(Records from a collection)
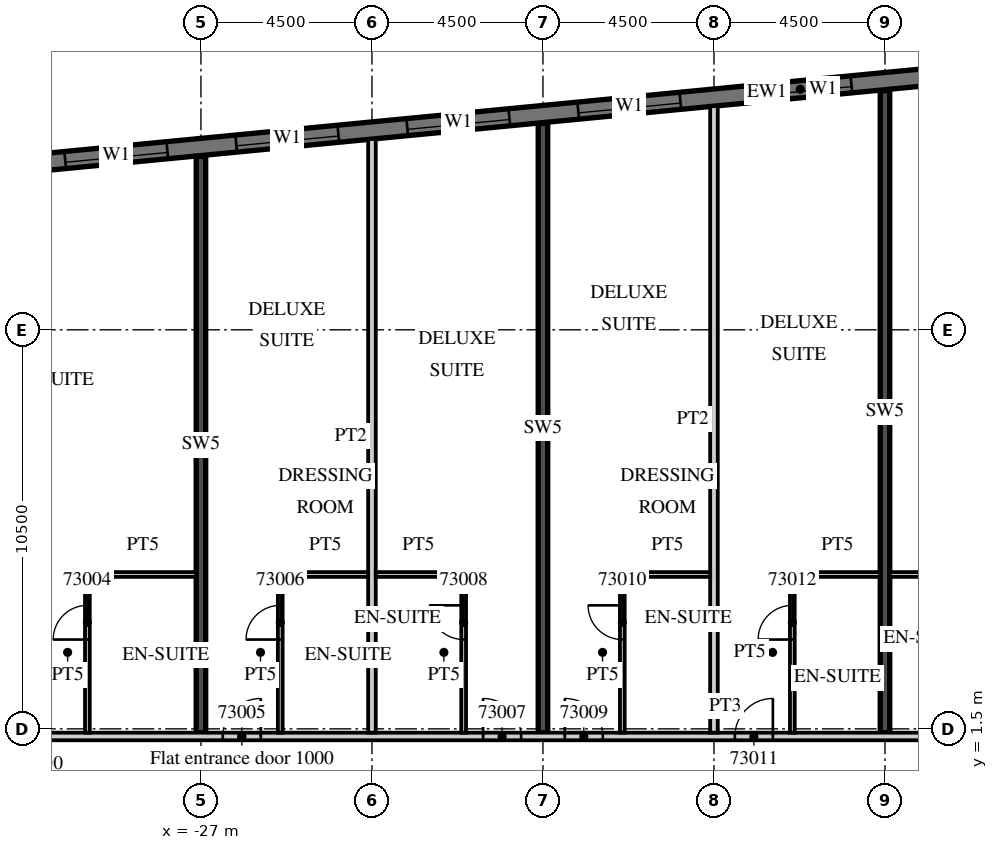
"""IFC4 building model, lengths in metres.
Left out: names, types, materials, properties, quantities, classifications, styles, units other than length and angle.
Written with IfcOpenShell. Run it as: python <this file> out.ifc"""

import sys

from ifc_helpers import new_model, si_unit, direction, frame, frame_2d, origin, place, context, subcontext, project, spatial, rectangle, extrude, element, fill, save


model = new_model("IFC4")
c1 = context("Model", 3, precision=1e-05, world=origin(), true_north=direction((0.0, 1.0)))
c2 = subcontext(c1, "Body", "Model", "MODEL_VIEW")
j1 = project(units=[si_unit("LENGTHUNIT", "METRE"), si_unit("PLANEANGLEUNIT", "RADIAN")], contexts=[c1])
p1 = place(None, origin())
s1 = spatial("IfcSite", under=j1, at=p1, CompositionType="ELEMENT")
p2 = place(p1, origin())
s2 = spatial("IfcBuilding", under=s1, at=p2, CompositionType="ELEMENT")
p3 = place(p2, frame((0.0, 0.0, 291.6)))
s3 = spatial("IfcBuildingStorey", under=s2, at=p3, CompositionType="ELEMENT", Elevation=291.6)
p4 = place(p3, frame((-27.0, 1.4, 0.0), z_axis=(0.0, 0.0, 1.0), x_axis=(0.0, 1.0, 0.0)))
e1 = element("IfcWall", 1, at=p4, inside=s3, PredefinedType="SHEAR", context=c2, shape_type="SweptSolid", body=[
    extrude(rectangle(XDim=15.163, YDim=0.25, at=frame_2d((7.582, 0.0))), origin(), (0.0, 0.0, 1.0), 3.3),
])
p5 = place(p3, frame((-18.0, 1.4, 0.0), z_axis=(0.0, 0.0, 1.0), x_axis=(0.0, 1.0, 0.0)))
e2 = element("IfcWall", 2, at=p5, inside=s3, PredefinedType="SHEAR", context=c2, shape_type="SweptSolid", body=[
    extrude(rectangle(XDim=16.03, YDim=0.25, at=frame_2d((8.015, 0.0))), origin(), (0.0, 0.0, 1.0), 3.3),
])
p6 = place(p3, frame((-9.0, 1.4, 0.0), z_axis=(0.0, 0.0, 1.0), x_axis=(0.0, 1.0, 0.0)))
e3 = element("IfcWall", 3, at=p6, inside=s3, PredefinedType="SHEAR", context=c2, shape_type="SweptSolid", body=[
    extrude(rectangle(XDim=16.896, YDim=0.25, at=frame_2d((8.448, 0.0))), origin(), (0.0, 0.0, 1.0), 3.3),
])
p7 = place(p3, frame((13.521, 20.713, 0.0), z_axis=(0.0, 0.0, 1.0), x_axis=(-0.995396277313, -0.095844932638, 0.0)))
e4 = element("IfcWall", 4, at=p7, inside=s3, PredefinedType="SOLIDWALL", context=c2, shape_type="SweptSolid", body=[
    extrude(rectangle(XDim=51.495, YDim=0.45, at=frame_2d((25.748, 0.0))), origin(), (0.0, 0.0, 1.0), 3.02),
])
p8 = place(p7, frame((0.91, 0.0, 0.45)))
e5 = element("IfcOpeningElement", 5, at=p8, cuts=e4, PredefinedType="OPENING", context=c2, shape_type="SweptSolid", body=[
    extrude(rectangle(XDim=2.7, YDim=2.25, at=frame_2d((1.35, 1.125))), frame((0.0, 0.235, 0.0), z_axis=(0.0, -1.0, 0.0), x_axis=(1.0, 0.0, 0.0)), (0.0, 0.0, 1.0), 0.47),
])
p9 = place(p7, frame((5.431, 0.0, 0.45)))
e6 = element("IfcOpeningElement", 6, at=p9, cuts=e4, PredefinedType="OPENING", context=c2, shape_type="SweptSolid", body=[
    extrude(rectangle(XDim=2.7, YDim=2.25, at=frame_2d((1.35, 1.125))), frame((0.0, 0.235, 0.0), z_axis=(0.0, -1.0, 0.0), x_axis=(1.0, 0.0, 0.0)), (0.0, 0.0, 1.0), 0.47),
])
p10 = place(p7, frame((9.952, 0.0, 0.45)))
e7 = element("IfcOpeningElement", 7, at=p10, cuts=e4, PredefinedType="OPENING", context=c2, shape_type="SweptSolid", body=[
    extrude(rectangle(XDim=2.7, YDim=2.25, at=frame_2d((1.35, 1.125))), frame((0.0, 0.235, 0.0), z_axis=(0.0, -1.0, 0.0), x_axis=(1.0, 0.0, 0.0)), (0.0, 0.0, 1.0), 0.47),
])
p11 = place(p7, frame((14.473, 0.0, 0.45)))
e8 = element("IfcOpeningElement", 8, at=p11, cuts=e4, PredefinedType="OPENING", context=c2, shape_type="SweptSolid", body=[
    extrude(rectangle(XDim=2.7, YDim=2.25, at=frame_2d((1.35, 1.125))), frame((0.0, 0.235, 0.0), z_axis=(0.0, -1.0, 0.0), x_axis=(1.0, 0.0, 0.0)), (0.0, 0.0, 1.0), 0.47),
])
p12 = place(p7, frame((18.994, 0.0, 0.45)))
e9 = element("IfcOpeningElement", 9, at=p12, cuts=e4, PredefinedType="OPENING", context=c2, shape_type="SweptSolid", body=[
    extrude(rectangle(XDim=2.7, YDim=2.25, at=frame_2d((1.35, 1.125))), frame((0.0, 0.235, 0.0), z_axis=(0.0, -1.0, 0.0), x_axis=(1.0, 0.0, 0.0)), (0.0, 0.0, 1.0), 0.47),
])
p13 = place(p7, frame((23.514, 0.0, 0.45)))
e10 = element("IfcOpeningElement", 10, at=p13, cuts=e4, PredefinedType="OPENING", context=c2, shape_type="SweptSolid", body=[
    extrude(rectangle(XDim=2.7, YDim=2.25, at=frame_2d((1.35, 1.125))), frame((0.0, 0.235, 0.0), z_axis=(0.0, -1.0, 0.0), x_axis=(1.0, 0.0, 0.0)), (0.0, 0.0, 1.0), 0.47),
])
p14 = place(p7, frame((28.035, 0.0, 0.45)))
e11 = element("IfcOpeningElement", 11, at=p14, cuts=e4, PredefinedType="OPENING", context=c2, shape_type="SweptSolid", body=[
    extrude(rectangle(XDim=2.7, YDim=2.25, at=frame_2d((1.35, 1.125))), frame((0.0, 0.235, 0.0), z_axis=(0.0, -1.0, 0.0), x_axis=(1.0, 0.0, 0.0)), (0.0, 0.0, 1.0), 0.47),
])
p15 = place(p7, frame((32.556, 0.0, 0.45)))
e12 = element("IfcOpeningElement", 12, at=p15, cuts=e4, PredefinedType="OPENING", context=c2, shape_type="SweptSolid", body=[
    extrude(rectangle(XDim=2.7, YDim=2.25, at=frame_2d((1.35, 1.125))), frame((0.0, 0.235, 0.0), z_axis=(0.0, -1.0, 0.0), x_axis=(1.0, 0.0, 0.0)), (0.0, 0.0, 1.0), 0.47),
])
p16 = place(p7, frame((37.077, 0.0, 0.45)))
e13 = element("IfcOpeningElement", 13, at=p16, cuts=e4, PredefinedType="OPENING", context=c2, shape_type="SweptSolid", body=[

▶ _INSTRUCTIONS FOR THE TASK_
Which lines in the records above contain the word "spatial"? Copy each one.

▶ _WRITTEN REPLY_
from ifc_helpers import new_model, si_unit, direction, frame, frame_2d, origin, place, context, subcontext, project, spatial, rectangle, extrude, element, fill, save
s1 = spatial("IfcSite", under=j1, at=p1, CompositionType="ELEMENT")
s2 = spatial("IfcBuilding", under=s1, at=p2, CompositionType="ELEMENT")
s3 = spatial("IfcBuildingStorey", under=s2, at=p3, CompositionType="ELEMENT", Elevation=291.6)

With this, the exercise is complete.